[AVAILABLE RECORDS — start]

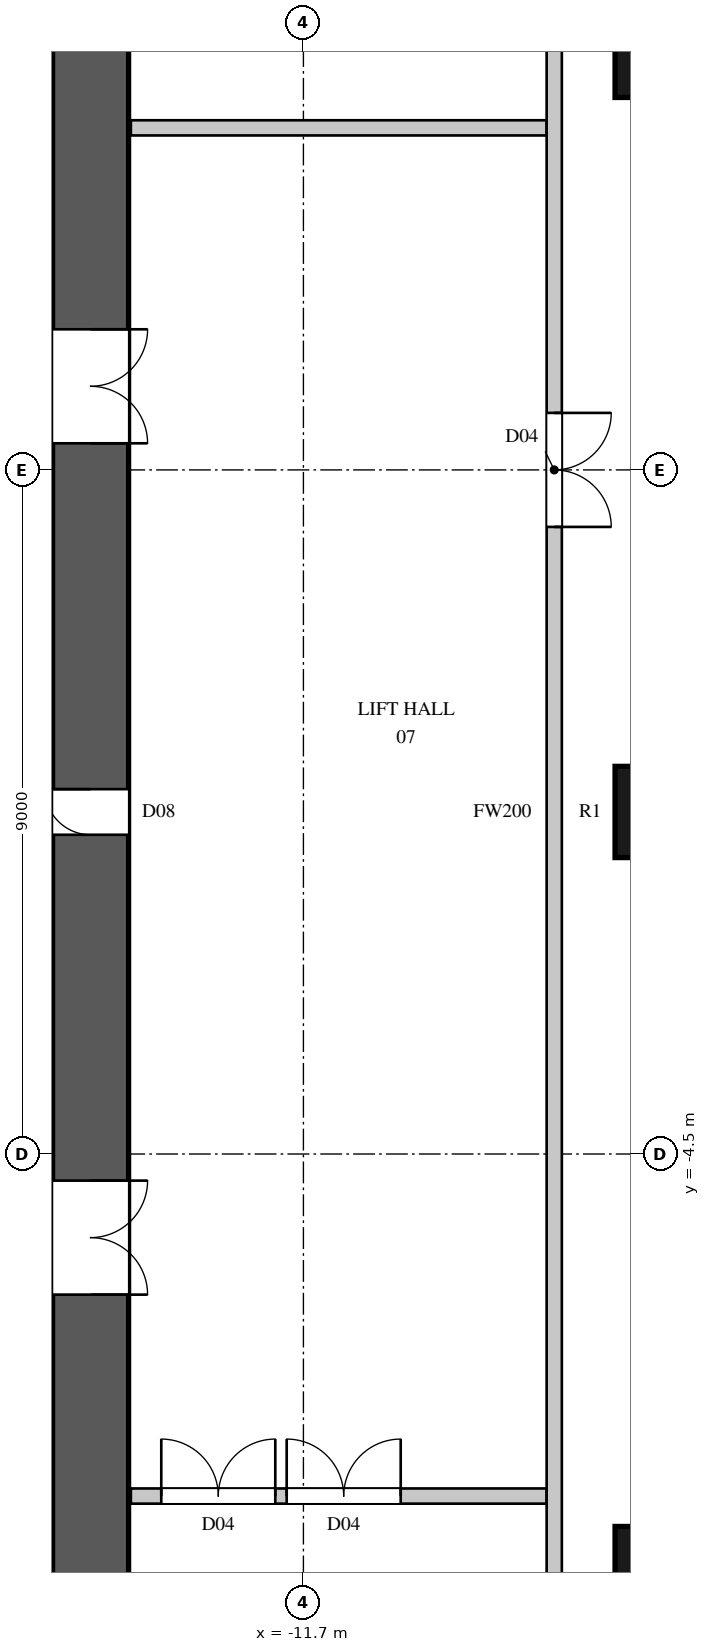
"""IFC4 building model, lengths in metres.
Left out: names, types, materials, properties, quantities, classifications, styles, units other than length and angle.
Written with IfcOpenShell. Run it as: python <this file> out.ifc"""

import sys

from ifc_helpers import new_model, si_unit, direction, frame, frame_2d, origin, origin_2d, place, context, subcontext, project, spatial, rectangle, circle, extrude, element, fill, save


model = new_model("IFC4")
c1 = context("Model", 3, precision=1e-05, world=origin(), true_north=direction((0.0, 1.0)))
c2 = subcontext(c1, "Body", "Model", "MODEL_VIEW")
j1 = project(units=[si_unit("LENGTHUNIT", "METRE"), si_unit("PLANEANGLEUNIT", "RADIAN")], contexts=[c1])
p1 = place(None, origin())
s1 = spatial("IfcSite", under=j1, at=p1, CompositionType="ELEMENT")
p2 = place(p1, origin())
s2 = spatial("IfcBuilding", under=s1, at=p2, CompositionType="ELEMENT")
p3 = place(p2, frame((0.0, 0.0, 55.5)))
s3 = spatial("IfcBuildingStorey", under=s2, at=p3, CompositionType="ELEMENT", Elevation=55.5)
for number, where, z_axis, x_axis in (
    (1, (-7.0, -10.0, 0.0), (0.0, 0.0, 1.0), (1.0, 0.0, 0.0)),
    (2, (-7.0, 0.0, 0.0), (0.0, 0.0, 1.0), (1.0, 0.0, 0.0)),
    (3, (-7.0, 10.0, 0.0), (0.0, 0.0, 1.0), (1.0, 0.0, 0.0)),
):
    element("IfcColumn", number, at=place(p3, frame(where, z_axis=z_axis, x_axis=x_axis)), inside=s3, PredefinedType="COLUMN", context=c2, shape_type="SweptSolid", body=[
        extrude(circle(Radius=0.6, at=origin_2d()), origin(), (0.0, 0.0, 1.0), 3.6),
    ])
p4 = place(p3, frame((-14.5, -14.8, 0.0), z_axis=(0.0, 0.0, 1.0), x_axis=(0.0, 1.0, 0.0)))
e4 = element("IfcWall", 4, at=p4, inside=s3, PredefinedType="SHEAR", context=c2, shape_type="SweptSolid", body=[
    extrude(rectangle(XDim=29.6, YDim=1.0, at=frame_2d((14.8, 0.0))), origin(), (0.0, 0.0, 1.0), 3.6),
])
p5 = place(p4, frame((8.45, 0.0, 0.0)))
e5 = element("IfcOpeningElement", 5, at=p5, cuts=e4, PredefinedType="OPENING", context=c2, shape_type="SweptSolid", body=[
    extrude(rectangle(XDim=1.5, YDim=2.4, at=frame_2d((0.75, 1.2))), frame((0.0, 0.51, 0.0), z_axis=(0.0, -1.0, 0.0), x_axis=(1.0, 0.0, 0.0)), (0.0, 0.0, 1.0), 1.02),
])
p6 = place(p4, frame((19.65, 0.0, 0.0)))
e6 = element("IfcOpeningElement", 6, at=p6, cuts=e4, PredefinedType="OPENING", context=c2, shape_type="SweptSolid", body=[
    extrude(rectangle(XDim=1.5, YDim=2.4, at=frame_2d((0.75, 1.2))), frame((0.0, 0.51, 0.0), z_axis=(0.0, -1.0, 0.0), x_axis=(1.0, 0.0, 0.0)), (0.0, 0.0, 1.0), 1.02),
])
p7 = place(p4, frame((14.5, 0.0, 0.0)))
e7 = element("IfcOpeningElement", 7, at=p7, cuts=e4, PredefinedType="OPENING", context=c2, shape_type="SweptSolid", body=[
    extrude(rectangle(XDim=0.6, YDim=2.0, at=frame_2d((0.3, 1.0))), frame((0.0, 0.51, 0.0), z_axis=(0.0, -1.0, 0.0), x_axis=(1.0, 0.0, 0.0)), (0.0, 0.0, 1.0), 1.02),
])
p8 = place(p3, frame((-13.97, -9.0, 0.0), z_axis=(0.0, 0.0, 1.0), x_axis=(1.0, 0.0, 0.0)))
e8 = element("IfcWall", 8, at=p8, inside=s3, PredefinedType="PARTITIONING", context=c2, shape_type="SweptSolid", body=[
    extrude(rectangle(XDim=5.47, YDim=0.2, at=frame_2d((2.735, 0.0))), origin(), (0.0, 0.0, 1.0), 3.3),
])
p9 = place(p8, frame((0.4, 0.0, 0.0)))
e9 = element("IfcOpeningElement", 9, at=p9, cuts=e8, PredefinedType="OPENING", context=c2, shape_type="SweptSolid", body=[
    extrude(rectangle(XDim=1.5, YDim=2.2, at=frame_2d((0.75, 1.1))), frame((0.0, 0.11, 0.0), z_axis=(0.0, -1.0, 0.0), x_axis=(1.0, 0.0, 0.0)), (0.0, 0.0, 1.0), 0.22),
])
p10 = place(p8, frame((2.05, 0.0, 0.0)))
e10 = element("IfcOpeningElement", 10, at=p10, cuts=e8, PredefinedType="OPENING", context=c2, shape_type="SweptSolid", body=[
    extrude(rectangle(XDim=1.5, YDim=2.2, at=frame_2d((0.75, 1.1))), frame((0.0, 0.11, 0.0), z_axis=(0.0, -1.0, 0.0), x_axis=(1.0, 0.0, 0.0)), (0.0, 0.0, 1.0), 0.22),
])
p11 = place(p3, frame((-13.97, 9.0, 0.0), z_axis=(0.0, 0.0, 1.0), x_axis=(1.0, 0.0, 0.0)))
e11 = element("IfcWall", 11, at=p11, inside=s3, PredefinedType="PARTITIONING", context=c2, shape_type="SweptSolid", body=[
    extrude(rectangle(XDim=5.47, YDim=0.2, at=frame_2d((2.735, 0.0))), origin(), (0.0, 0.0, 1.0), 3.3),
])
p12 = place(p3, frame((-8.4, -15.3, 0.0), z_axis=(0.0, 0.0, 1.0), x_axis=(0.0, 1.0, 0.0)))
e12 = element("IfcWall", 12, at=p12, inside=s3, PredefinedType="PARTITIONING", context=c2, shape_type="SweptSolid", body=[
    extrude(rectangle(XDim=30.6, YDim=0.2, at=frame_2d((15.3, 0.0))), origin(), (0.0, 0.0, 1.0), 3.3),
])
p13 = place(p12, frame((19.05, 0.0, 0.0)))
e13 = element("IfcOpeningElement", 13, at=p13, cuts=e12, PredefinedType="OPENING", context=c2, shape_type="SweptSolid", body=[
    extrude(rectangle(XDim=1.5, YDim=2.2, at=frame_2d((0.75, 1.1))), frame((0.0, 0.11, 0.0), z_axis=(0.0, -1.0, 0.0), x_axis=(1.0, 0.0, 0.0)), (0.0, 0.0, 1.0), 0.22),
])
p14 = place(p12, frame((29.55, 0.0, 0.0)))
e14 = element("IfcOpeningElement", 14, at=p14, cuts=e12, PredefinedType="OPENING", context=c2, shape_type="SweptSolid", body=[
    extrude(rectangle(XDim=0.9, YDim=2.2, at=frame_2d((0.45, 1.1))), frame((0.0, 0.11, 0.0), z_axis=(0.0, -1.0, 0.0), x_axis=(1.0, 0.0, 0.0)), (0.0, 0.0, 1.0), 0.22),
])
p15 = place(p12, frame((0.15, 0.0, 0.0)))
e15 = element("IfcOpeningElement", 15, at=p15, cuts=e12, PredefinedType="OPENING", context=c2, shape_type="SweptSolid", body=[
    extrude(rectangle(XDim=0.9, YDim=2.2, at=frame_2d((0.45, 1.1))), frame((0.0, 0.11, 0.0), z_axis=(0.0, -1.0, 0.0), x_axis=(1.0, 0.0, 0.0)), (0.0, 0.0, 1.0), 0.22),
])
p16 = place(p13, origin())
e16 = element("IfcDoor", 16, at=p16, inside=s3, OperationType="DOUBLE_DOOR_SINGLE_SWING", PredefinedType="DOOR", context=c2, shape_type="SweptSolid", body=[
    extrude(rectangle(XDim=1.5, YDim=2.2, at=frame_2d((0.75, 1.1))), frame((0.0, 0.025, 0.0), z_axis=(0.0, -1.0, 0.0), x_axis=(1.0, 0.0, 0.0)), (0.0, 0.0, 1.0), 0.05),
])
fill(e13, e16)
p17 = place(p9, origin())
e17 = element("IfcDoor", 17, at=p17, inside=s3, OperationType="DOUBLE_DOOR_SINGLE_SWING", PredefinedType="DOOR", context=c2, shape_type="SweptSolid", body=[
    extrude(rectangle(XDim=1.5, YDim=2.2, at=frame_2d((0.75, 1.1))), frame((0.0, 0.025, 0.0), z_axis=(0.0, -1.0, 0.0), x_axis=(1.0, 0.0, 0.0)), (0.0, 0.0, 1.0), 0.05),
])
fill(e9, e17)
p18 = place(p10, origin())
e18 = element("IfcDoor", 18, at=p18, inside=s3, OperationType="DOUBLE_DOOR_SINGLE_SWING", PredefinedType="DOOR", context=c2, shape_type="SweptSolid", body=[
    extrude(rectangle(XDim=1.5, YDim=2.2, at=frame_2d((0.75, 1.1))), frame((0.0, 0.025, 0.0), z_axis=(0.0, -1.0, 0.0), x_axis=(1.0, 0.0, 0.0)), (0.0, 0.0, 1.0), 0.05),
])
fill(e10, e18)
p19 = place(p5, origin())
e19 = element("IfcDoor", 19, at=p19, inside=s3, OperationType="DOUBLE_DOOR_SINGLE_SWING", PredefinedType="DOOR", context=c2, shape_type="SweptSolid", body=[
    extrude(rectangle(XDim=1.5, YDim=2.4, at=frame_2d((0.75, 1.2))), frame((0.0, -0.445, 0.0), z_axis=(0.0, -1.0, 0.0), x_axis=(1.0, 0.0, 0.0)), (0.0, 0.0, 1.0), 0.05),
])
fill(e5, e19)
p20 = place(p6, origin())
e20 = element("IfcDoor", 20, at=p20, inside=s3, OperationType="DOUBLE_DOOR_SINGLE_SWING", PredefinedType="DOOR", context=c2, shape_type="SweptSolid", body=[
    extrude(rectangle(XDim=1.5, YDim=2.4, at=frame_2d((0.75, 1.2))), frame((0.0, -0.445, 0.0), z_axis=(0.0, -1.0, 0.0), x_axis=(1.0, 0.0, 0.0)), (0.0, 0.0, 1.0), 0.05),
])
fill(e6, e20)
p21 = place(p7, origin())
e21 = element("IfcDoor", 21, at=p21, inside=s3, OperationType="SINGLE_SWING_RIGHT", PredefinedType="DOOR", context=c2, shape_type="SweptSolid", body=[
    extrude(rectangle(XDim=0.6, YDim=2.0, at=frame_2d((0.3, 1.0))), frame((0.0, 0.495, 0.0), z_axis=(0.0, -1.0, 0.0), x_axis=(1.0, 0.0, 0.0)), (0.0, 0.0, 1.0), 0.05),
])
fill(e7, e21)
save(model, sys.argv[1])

[AVAILABLE RECORDS — finish]

§ PROBLEM TO SOLVE:
Give only the lines from the one holding "p5 = place(p4, frame((8.45, 0.0, 0.0)))" through the one holding "p9 = place(p8, frame((0.4, 0.0, 0.0)))", each restated exactly as it appears above.

§ YOUR SOLUTION:
p5 = place(p4, frame((8.45, 0.0, 0.0)))
e5 = element("IfcOpeningElement", 5, at=p5, cuts=e4, PredefinedType="OPENING", context=c2, shape_type="SweptSolid", body=[
    extrude(rectangle(XDim=1.5, YDim=2.4, at=frame_2d((0.75, 1.2))), frame((0.0, 0.51, 0.0), z_axis=(0.0, -1.0, 0.0), x_axis=(1.0, 0.0, 0.0)), (0.0, 0.0, 1.0), 1.02),
])
p6 = place(p4, frame((19.65, 0.0, 0.0)))
e6 = element("IfcOpeningElement", 6, at=p6, cuts=e4, PredefinedType="OPENING", context=c2, shape_type="SweptSolid", body=[
    extrude(rectangle(XDim=1.5, YDim=2.4, at=frame_2d((0.75, 1.2))), frame((0.0, 0.51, 0.0), z_axis=(0.0, -1.0, 0.0), x_axis=(1.0, 0.0, 0.0)), (0.0, 0.0, 1.0), 1.02),
])
p7 = place(p4, frame((14.5, 0.0, 0.0)))
e7 = element("IfcOpeningElement", 7, at=p7, cuts=e4, PredefinedType="OPENING", context=c2, shape_type="SweptSolid", body=[
    extrude(rectangle(XDim=0.6, YDim=2.0, at=frame_2d((0.3, 1.0))), frame((0.0, 0.51, 0.0), z_axis=(0.0, -1.0, 0.0), x_axis=(1.0, 0.0, 0.0)), (0.0, 0.0, 1.0), 1.02),
])
p8 = place(p3, frame((-13.97, -9.0, 0.0), z_axis=(0.0, 0.0, 1.0), x_axis=(1.0, 0.0, 0.0)))
e8 = element("IfcWall", 8, at=p8, inside=s3, PredefinedType="PARTITIONING", context=c2, shape_type="SweptSolid", body=[
    extrude(rectangle(XDim=5.47, YDim=0.2, at=frame_2d((2.735, 0.0))), origin(), (0.0, 0.0, 1.0), 3.3),
])
p9 = place(p8, frame((0.4, 0.0, 0.0)))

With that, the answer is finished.